The task:
Pick out each line of the records that includes the string "OperationType", and copy it.

Source records:
# # #

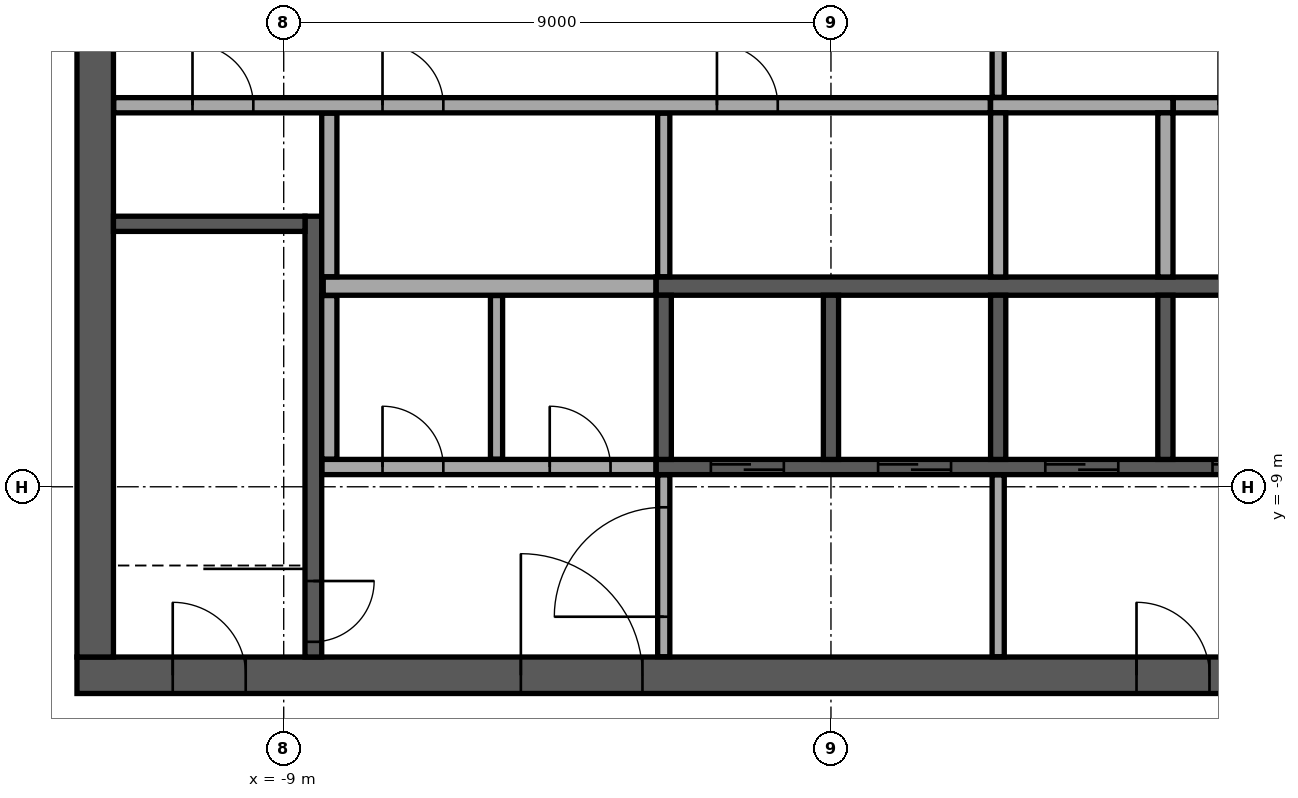
"""IFC4 building model, lengths in metres.
Left out: names, types, materials, properties, quantities, classifications, styles, units other than length and angle.
Written with IfcOpenShell. Run it as: python <this file> out.ifc"""

import sys

from ifc_helpers import new_model, si_unit, direction, frame, frame_2d, origin, place, context, subcontext, project, spatial, rectangle, extrude, element, fill, save


model = new_model("IFC4")
c1 = context("Model", 3, precision=1e-05, world=origin(), true_north=direction((0.0, 1.0)))
c2 = subcontext(c1, "Body", "Model", "MODEL_VIEW")
j1 = project(units=[si_unit("LENGTHUNIT", "METRE"), si_unit("PLANEANGLEUNIT", "RADIAN")], contexts=[c1])
p1 = place(None, origin())
s1 = spatial("IfcSite", under=j1, at=p1, CompositionType="ELEMENT")
p2 = place(p1, origin())
s2 = spatial("IfcBuilding", under=s1, at=p2, CompositionType="ELEMENT")
p3 = place(p2, frame((0.0, 0.0, 373.1)))
s3 = spatial("IfcBuildingStorey", under=s2, at=p3, CompositionType="ELEMENT", Elevation=373.1)
p4 = place(p3, frame((-12.4, -12.1, 0.0), z_axis=(0.0, 0.0, 1.0), x_axis=(1.0, 0.0, 0.0)))
e1 = element("IfcWall", 1, at=p4, inside=s3, PredefinedType="SHEAR", context=c2, shape_type="SweptSolid", body=[
    extrude(rectangle(XDim=24.8, YDim=0.6, at=frame_2d((12.4, 0.0))), origin(), (0.0, 0.0, 1.0), 3.2),
])
p5 = place(p4, frame((7.3, 0.0, 0.0)))
e2 = element("IfcOpeningElement", 2, at=p5, cuts=e1, PredefinedType="OPENING", context=c2, shape_type="SweptSolid", body=[
    extrude(rectangle(XDim=2.0, YDim=2.1, at=frame_2d((1.0, 1.05))), frame((0.0, 0.31, 0.0), z_axis=(0.0, -1.0, 0.0), x_axis=(1.0, 0.0, 0.0)), (0.0, 0.0, 1.0), 0.62),
])
p6 = place(p4, frame((17.425, 0.0, 0.0)))
e3 = element("IfcOpeningElement", 3, at=p6, cuts=e1, PredefinedType="OPENING", context=c2, shape_type="SweptSolid", body=[
    extrude(rectangle(XDim=1.2, YDim=2.1, at=frame_2d((0.6, 1.05))), frame((0.0, 0.31, 0.0), z_axis=(0.0, -1.0, 0.0), x_axis=(1.0, 0.0, 0.0)), (0.0, 0.0, 1.0), 0.62),
])
p7 = place(p4, frame((1.575, 0.0, 0.0)))
e4 = element("IfcOpeningElement", 4, at=p7, cuts=e1, PredefinedType="OPENING", context=c2, shape_type="SweptSolid", body=[
    extrude(rectangle(XDim=1.2, YDim=2.1, at=frame_2d((0.6, 1.05))), frame((0.0, 0.31, 0.0), z_axis=(0.0, -1.0, 0.0), x_axis=(1.0, 0.0, 0.0)), (0.0, 0.0, 1.0), 0.62),
])
p8 = place(p4, frame((22.025, 0.0, 0.0)))
e5 = element("IfcOpeningElement", 5, at=p8, cuts=e1, PredefinedType="OPENING", context=c2, shape_type="SweptSolid", body=[
    extrude(rectangle(XDim=1.2, YDim=2.1, at=frame_2d((0.6, 1.05))), frame((0.0, 0.31, 0.0), z_axis=(0.0, -1.0, 0.0), x_axis=(1.0, 0.0, 0.0)), (0.0, 0.0, 1.0), 0.62),
])
p9 = place(p3, frame((-12.1, -11.8, 0.0), z_axis=(0.0, 0.0, 1.0), x_axis=(0.0, 1.0, 0.0)))
e6 = element("IfcWall", 6, at=p9, inside=s3, PredefinedType="SHEAR", context=c2, shape_type="SweptSolid", body=[
    extrude(rectangle(XDim=23.6, YDim=0.6, at=frame_2d((11.8, 0.0))), origin(), (0.0, 0.0, 1.0), 3.2),
])
p10 = place(p9, frame((10.6, 0.0, 0.0)))
e7 = element("IfcOpeningElement", 7, at=p10, cuts=e6, PredefinedType="OPENING", context=c2, shape_type="SweptSolid", body=[
    extrude(rectangle(XDim=2.4, YDim=2.4, at=frame_2d((1.2, 1.2))), frame((0.0, 0.31, 0.0), z_axis=(0.0, -1.0, 0.0), x_axis=(1.0, 0.0, 0.0)), (0.0, 0.0, 1.0), 0.62),
])
p11 = place(p3, frame((-2.875, -5.7, 0.0), z_axis=(0.0, 0.0, 1.0), x_axis=(1.0, 0.0, 0.0)))
e8 = element("IfcWall", 8, at=p11, inside=s3, PredefinedType="SOLIDWALL", context=c2, shape_type="SweptSolid", body=[
    extrude(rectangle(XDim=11.25, YDim=0.3, at=frame_2d((5.625, 0.0))), origin(), (0.0, 0.0, 1.0), 3.2),
])
p12 = place(p3, frame((2.625, -2.725, 0.0), z_axis=(0.0, 0.0, 1.0), x_axis=(1.0, 0.0, 0.0)))
e9 = element("IfcWall", 9, at=p12, inside=s3, PredefinedType="SOLIDWALL", context=c2, shape_type="SweptSolid", body=[
    extrude(rectangle(XDim=3.0, YDim=0.25, at=frame_2d((1.5, 0.0))), origin(), (0.0, 0.0, 1.0), 3.2),
])
for number, where, z_axis, x_axis in (
    (10, (2.75, -5.55, 0.0), (0.0, 0.0, 1.0), (0.0, 1.0, 0.0)),
    (11, (5.5, -5.55, 0.0), (0.0, 0.0, 1.0), (0.0, 1.0, 0.0)),
):
    element("IfcWall", number, at=place(p3, frame(where, z_axis=z_axis, x_axis=x_axis)), inside=s3, PredefinedType="SOLIDWALL", context=c2, shape_type="SweptSolid", body=[
        extrude(rectangle(XDim=2.7, YDim=0.25, at=frame_2d((1.35, 0.0))), origin(), (0.0, 0.0, 1.0), 3.2),
    ])
p13 = place(p3, frame((-2.875, -8.675, 0.0), z_axis=(0.0, 0.0, 1.0), x_axis=(1.0, 0.0, 0.0)))
e12 = element("IfcWall", 12, at=p13, inside=s3, PredefinedType="SOLIDWALL", context=c2, shape_type="SweptSolid", body=[
    extrude(rectangle(XDim=11.25, YDim=0.25, at=frame_2d((5.625, 0.0))), origin(), (0.0, 0.0, 1.0), 3.2),
])
p14 = place(p13, frame((0.9, 0.0, 0.0)))
e13 = element("IfcOpeningElement", 13, at=p14, cuts=e12, PredefinedType="OPENING", context=c2, shape_type="SweptSolid", body=[
    extrude(rectangle(XDim=1.2, YDim=2.1, at=frame_2d((0.6, 1.05))), frame((0.0, 0.135, 0.0), z_axis=(0.0, -1.0, 0.0), x_axis=(1.0, 0.0, 0.0)), (0.0, 0.0, 1.0), 0.27),
])
p15 = place(p13, frame((3.65, 0.0, 0.0)))
e14 = element("IfcOpeningElement", 14, at=p15, cuts=e12, PredefinedType="OPENING", context=c2, shape_type="SweptSolid", body=[
    extrude(rectangle(XDim=1.2, YDim=2.1, at=frame_2d((0.6, 1.05))), frame((0.0, 0.135, 0.0), z_axis=(0.0, -1.0, 0.0), x_axis=(1.0, 0.0, 0.0)), (0.0, 0.0, 1.0), 0.27),
])
p16 = place(p13, frame((6.4, 0.0, 0.0)))
e15 = element("IfcOpeningElement", 15, at=p16, cuts=e12, PredefinedType="OPENING", context=c2, shape_type="SweptSolid", body=[
    extrude(rectangle(XDim=1.2, YDim=2.1, at=frame_2d((0.6, 1.05))), frame((0.0, 0.135, 0.0), z_axis=(0.0, -1.0, 0.0), x_axis=(1.0, 0.0, 0.0)), (0.0, 0.0, 1.0), 0.27),
])
p17 = place(p13, frame((9.15, 0.0, 0.0)))
e16 = element("IfcOpeningElement", 16, at=p17, cuts=e12, PredefinedType="OPENING", context=c2, shape_type="SweptSolid", body=[
    extrude(rectangle(XDim=1.2, YDim=2.1, at=frame_2d((0.6, 1.05))), frame((0.0, 0.135, 0.0), z_axis=(0.0, -1.0, 0.0), x_axis=(1.0, 0.0, 0.0)), (0.0, 0.0, 1.0), 0.27),
])
for number, where, z_axis, x_axis in (
    (17, (-2.75, -8.55, 0.0), (0.0, 0.0, 1.0), (0.0, 1.0, 0.0)),
    (18, (0.0, -8.55, 0.0), (0.0, 0.0, 1.0), (0.0, 1.0, 0.0)),
    (19, (2.75, -8.55, 0.0), (0.0, 0.0, 1.0), (0.0, 1.0, 0.0)),
    (20, (5.5, -8.55, 0.0), (0.0, 0.0, 1.0), (0.0, 1.0, 0.0)),
):
    element("IfcWall", number, at=place(p3, frame(where, z_axis=z_axis, x_axis=x_axis)), inside=s3, PredefinedType="SOLIDWALL", context=c2, shape_type="SweptSolid", body=[
        extrude(rectangle(XDim=2.7, YDim=0.25, at=frame_2d((1.35, 0.0))), origin(), (0.0, 0.0, 1.0), 3.2),
    ])
p18 = place(p3, frame((-8.512, -4.55, 0.0), z_axis=(0.0, 0.0, 1.0), x_axis=(0.0, -1.0, 0.0)))
e21 = element("IfcWall", 21, at=p18, inside=s3, PredefinedType="SOLIDWALL", context=c2, shape_type="SweptSolid", body=[
    extrude(rectangle(XDim=7.25, YDim=0.275, at=frame_2d((3.625, 0.0))), origin(), (0.0, 0.0, 1.0), 3.2),
])
p19 = place(p18, frame((6.0, 0.0, 0.0)))
e22 = element("IfcOpeningElement", 22, at=p19, cuts=e21, PredefinedType="OPENING", context=c2, shape_type="SweptSolid", body=[
    extrude(rectangle(XDim=1.0, YDim=2.1, at=frame_2d((0.5, 1.05))), frame((0.0, 0.147, 0.0), z_axis=(0.0, -1.0, 0.0), x_axis=(1.0, 0.0, 0.0)), (0.0, 0.0, 1.0), 0.295),
])
p20 = place(p3, frame((-8.65, -4.675, 0.0), z_axis=(0.0, 0.0, 1.0), x_axis=(-1.0, 0.0, 0.0)))
e23 = element("IfcWall", 23, at=p20, inside=s3, PredefinedType="SOLIDWALL", context=c2, shape_type="SweptSolid", body=[
    extrude(rectangle(XDim=3.15, YDim=0.25, at=frame_2d((1.575, 0.0))), origin(), (0.0, 0.0, 1.0), 3.2),
])
p21 = place(p3, frame((-2.75, -11.795, 0.0), z_axis=(0.0, 0.0, 1.0), x_axis=(0.0, 1.0, 0.0)))
e24 = element("IfcWall", 24, at=p21, inside=s3, PredefinedType="PARTITIONING", context=c2, shape_type="SweptSolid", body=[
    extrude(rectangle(XDim=2.99, YDim=0.2, at=frame_2d((1.495, 0.0))), origin(), (0.0, 0.0, 1.0), 3.2),
])
p22 = place(p21, frame((0.657, 0.0, 0.0)))
e25 = element("IfcOpeningElement", 25, at=p22, cuts=e24, PredefinedType="OPENING", context=c2, shape_type="SweptSolid", body=[
    extrude(rectangle(XDim=1.8, YDim=2.1, at=frame_2d((0.9, 1.05))), frame((0.0, 0.11, 0.0), z_axis=(0.0, -1.0, 0.0), x_axis=(1.0, 0.0, 0.0)), (0.0, 0.0, 1.0), 0.22),
])
p23 = place(p3, frame((2.75, -11.795, 0.0), z_axis=(0.0, 0.0, 1.0), x_axis=(0.0, 1.0, 0.0)))
e26 = element("IfcWall", 26, at=p23, inside=s3, PredefinedType="PARTITIONING", context=c2, shape_type="SweptSolid", body=[
    extrude(rectangle(XDim=2.99, YDim=0.2, at=frame_2d((1.495, 0.0))), origin(), (0.0, 0.0, 1.0), 3.2),
])
p24 = place(p3, frame((-8.37, -8.675, 0.0), z_axis=(0.0, 0.0, 1.0), x_axis=(1.0, 0.0, 0.0)))
e27 = element("IfcWall", 27, at=p24, inside=s3, PredefinedType="PARTITIONING", context=c2, shape_type="SweptSolid", body=[
    extrude(rectangle(XDim=5.49, YDim=0.25, at=frame_2d((2.745, 0.0))), origin(), (0.0, 0.0, 1.0), 3.2),
])
p25 = place(p24, frame((0.995, 0.0, 0.0)))
e28 = element("IfcOpeningElement", 28, at=p25, cuts=e27, PredefinedType="OPENING", context=c2, shape_type="SweptSolid", body=[
    extrude(rectangle(XDim=1.0, YDim=2.1, at=frame_2d((0.5, 1.05))), frame((0.0, 0.135, 0.0), z_axis=(0.0, -1.0, 0.0), x_axis=(1.0, 0.0, 0.0)), (0.0, 0.0, 1.0), 0.27),
])
p26 = place(p24, frame((3.745, 0.0, 0.0)))
e29 = element("IfcOpeningElement", 29, at=p26, cuts=e27, PredefinedType="OPENING", context=c2, shape_type="SweptSolid", body=[
    extrude(rectangle(XDim=1.0, YDim=2.1, at=frame_2d((0.5, 1.05))), frame((0.0, 0.135, 0.0), z_axis=(0.0, -1.0, 0.0), x_axis=(1.0, 0.0, 0.0)), (0.0, 0.0, 1.0), 0.27),
])
p27 = place(p3, frame((-8.25, -8.545, 0.0), z_axis=(0.0, 0.0, 1.0), x_axis=(0.0, 1.0, 0.0)))
e30 = element("IfcWall", 30, at=p27, inside=s3, PredefinedType="PARTITIONING", context=c2, shape_type="SweptSolid", body=[
    extrude(rectangle(XDim=2.69, YDim=0.25, at=frame_2d((1.345, 0.0))), origin(), (0.0, 0.0, 1.0), 3.2),
])
p28 = place(p3, frame((-5.5, -8.545, 0.0), z_axis=(0.0, 0.0, 1.0), x_axis=(0.0, 1.0, 0.0)))
e31 = element("IfcWall", 31, at=p28, inside=s3, PredefinedType="PARTITIONING", context=c2, shape_type="SweptSolid", body=[
    extrude(rectangle(XDim=2.69, YDim=0.2, at=frame_2d((1.345, 0.0))), origin(), (0.0, 0.0, 1.0), 3.2),
])
p29 = place(p3, frame((-8.35, -5.7, 0.0), z_axis=(0.0, 0.0, 1.0), x_axis=(1.0, 0.0, 0.0)))
e32 = element("IfcWall", 32, at=p29, inside=s3, PredefinedType="PARTITIONING", context=c2, shape_type="SweptSolid", body=[
    extrude(rectangle(XDim=5.47, YDim=0.3, at=frame_2d((2.735, 0.0))), origin(), (0.0, 0.0, 1.0), 3.2),
])
p30 = place(p3, frame((-8.25, -5.545, 0.0), z_axis=(0.0, 0.0, 1.0), x_axis=(0.0, 1.0, 0.0)))
e33 = element("IfcWall", 33, at=p30, inside=s3, PredefinedType="PARTITIONING", context=c2, shape_type="SweptSolid", body=[
    extrude(rectangle(XDim=2.69, YDim=0.25, at=frame_2d((1.345, 0.0))), origin(), (0.0, 0.0, 1.0), 3.2),
])
p31 = place(p3, frame((-2.75, -5.545, 0.0), z_axis=(0.0, 0.0, 1.0), x_axis=(0.0, 1.0, 0.0)))
e34 = element("IfcWall", 34, at=p31, inside=s3, PredefinedType="PARTITIONING", context=c2, shape_type="SweptSolid", body=[
    extrude(rectangle(XDim=2.69, YDim=0.2, at=frame_2d((1.345, 0.0))), origin(), (0.0, 0.0, 1.0), 3.2),
])
p32 = place(p3, frame((-11.795, -2.725, 0.0), z_axis=(0.0, 0.0, 1.0), x_axis=(1.0, 0.0, 0.0)))
e35 = element("IfcWall", 35, at=p32, inside=s3, PredefinedType="PARTITIONING", context=c2, shape_type="SweptSolid", body=[
    extrude(rectangle(XDim=14.415, YDim=0.25, at=frame_2d((7.208, 0.0))), origin(), (0.0, 0.0, 1.0), 3.2),
])
p33 = place(p32, frame((1.295, 0.0, 0.0)))
e36 = element("IfcOpeningElement", 36, at=p33, cuts=e35, PredefinedType="OPENING", context=c2, shape_type="SweptSolid", body=[
    extrude(rectangle(XDim=1.0, YDim=2.1, at=frame_2d((0.5, 1.05))), frame((0.0, 0.135, 0.0), z_axis=(0.0, -1.0, 0.0), x_axis=(1.0, 0.0, 0.0)), (0.0, 0.0, 1.0), 0.27),
])
p34 = place(p32, frame((4.42, 0.0, 0.0)))
e37 = element("IfcOpeningElement", 37, at=p34, cuts=e35, PredefinedType="OPENING", context=c2, shape_type="SweptSolid", body=[
    extrude(rectangle(XDim=1.0, YDim=2.1, at=frame_2d((0.5, 1.05))), frame((0.0, 0.135, 0.0), z_axis=(0.0, -1.0, 0.0), x_axis=(1.0, 0.0, 0.0)), (0.0, 0.0, 1.0), 0.27),
])
p35 = place(p32, frame((9.92, 0.0, 0.0)))
e38 = element("IfcOpeningElement", 38, at=p35, cuts=e35, PredefinedType="OPENING", context=c2, shape_type="SweptSolid", body=[
    extrude(rectangle(XDim=1.0, YDim=2.1, at=frame_2d((0.5, 1.05))), frame((0.0, 0.135, 0.0), z_axis=(0.0, -1.0, 0.0), x_axis=(1.0, 0.0, 0.0)), (0.0, 0.0, 1.0), 0.27),
])
p36 = place(p3, frame((5.63, -2.725, 0.0), z_axis=(0.0, 0.0, 1.0), x_axis=(1.0, 0.0, 0.0)))
e39 = element("IfcWall", 39, at=p36, inside=s3, PredefinedType="PARTITIONING", context=c2, shape_type="SweptSolid", body=[
    extrude(rectangle(XDim=6.165, YDim=0.25, at=frame_2d((3.083, 0.0))), origin(), (0.0, 0.0, 1.0), 3.2),
])
p37 = place(p36, frame((0.745, 0.0, 0.0)))
e40 = element("IfcOpeningElement", 40, at=p37, cuts=e39, PredefinedType="OPENING", context=c2, shape_type="SweptSolid", body=[
    extrude(rectangle(XDim=1.0, YDim=2.1, at=frame_2d((0.5, 1.05))), frame((0.0, 0.135, 0.0), z_axis=(0.0, -1.0, 0.0), x_axis=(1.0, 0.0, 0.0)), (0.0, 0.0, 1.0), 0.27),
])
p38 = place(p36, frame((3.92, 0.0, 0.0)))
e41 = element("IfcOpeningElement", 41, at=p38, cuts=e39, PredefinedType="OPENING", context=c2, shape_type="SweptSolid", body=[
    extrude(rectangle(XDim=0.9, YDim=2.1, at=frame_2d((0.45, 1.05))), frame((0.0, 0.135, 0.0), z_axis=(0.0, -1.0, 0.0), x_axis=(1.0, 0.0, 0.0)), (0.0, 0.0, 1.0), 0.27),
])
p39 = place(p3, frame((2.75, -2.595, 0.0), z_axis=(0.0, 0.0, 1.0), x_axis=(0.0, 1.0, 0.0)))
e42 = element("IfcWall", 42, at=p39, inside=s3, PredefinedType="PARTITIONING", context=c2, shape_type="SweptSolid", body=[
    extrude(rectangle(XDim=5.19, YDim=0.2, at=frame_2d((2.595, 0.0))), origin(), (0.0, 0.0, 1.0), 3.2),
])
p40 = place(p39, frame((1.395, 0.0, 0.0)))
e43 = element("IfcOpeningElement", 43, at=p40, cuts=e42, PredefinedType="OPENING", context=c2, shape_type="SweptSolid", body=[
    extrude(rectangle(XDim=2.4, YDim=2.4, at=frame_2d((1.2, 1.2))), frame((0.0, 0.11, 0.0), z_axis=(0.0, -1.0, 0.0), x_axis=(1.0, 0.0, 0.0)), (0.0, 0.0, 1.0), 0.22),
])
p41 = place(p5, origin())
e44 = element("IfcDoor", 44, at=p41, inside=s3, OperationType="SINGLE_SWING_LEFT", PredefinedType="DOOR", context=c2, shape_type="SweptSolid", body=[
    extrude(rectangle(XDim=2.0, YDim=2.1, at=frame_2d((1.0, 1.05))), frame((0.0, 0.025, 0.0), z_axis=(0.0, -1.0, 0.0), x_axis=(1.0, 0.0, 0.0)), (0.0, 0.0, 1.0), 0.05),
])
fill(e2, e44)
p42 = place(p6, origin())
e45 = element("IfcDoor", 45, at=p42, inside=s3, OperationType="SINGLE_SWING_LEFT", PredefinedType="DOOR", context=c2, shape_type="SweptSolid", body=[
    extrude(rectangle(XDim=1.2, YDim=2.1, at=frame_2d((0.6, 1.05))), frame((0.0, 0.025, 0.0), z_axis=(0.0, -1.0, 0.0), x_axis=(1.0, 0.0, 0.0)), (0.0, 0.0, 1.0), 0.05),
])
fill(e3, e45)
p43 = place(p7, origin())
e46 = element("IfcDoor", 46, at=p43, inside=s3, OperationType="SINGLE_SWING_LEFT", PredefinedType="DOOR", context=c2, shape_type="SweptSolid", body=[
    extrude(rectangle(XDim=1.2, YDim=2.1, at=frame_2d((0.6, 1.05))), frame((0.0, 0.025, 0.0), z_axis=(0.0, -1.0, 0.0), x_axis=(1.0, 0.0, 0.0)), (0.0, 0.0, 1.0), 0.05),
])
fill(e4, e46)
p44 = place(p14, origin())
e47 = element("IfcDoor", 47, at=p44, inside=s3, OperationType="DOUBLE_DOOR_SLIDING", PredefinedType="DOOR", context=c2, shape_type="SweptSolid", body=[
    extrude(rectangle(XDim=1.2, YDim=2.1, at=frame_2d((0.6, 1.05))), frame((0.0, 0.025, 0.0), z_axis=(0.0, -1.0, 0.0), x_axis=(1.0, 0.0, 0.0)), (0.0, 0.0, 1.0), 0.05),
])
fill(e13, e47)
p45 = place(p15, origin())
e48 = element("IfcDoor", 48, at=p45, inside=s3, OperationType="DOUBLE_DOOR_SLIDING", PredefinedType="DOOR", context=c2, shape_type="SweptSolid", body=[
    extrude(rectangle(XDim=1.2, YDim=2.1, at=frame_2d((0.6, 1.05))), frame((0.0, 0.025, 0.0), z_axis=(0.0, -1.0, 0.0), x_axis=(1.0, 0.0, 0.0)), (0.0, 0.0, 1.0), 0.05),
])
fill(e14, e48)
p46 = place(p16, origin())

# # #

Answer to this exercise:
e44 = element("IfcDoor", 44, at=p41, inside=s3, OperationType="SINGLE_SWING_LEFT", PredefinedType="DOOR", context=c2, shape_type="SweptSolid", body=[
e45 = element("IfcDoor", 45, at=p42, inside=s3, OperationType="SINGLE_SWING_LEFT", PredefinedType="DOOR", context=c2, shape_type="SweptSolid", body=[
e46 = element("IfcDoor", 46, at=p43, inside=s3, OperationType="SINGLE_SWING_LEFT", PredefinedType="DOOR", context=c2, shape_type="SweptSolid", body=[
e47 = element("IfcDoor", 47, at=p44, inside=s3, OperationType="DOUBLE_DOOR_SLIDING", PredefinedType="DOOR", context=c2, shape_type="SweptSolid", body=[
e48 = element("IfcDoor", 48, at=p45, inside=s3, OperationType="DOUBLE_DOOR_SLIDING", PredefinedType="DOOR", context=c2, shape_type="SweptSolid", body=[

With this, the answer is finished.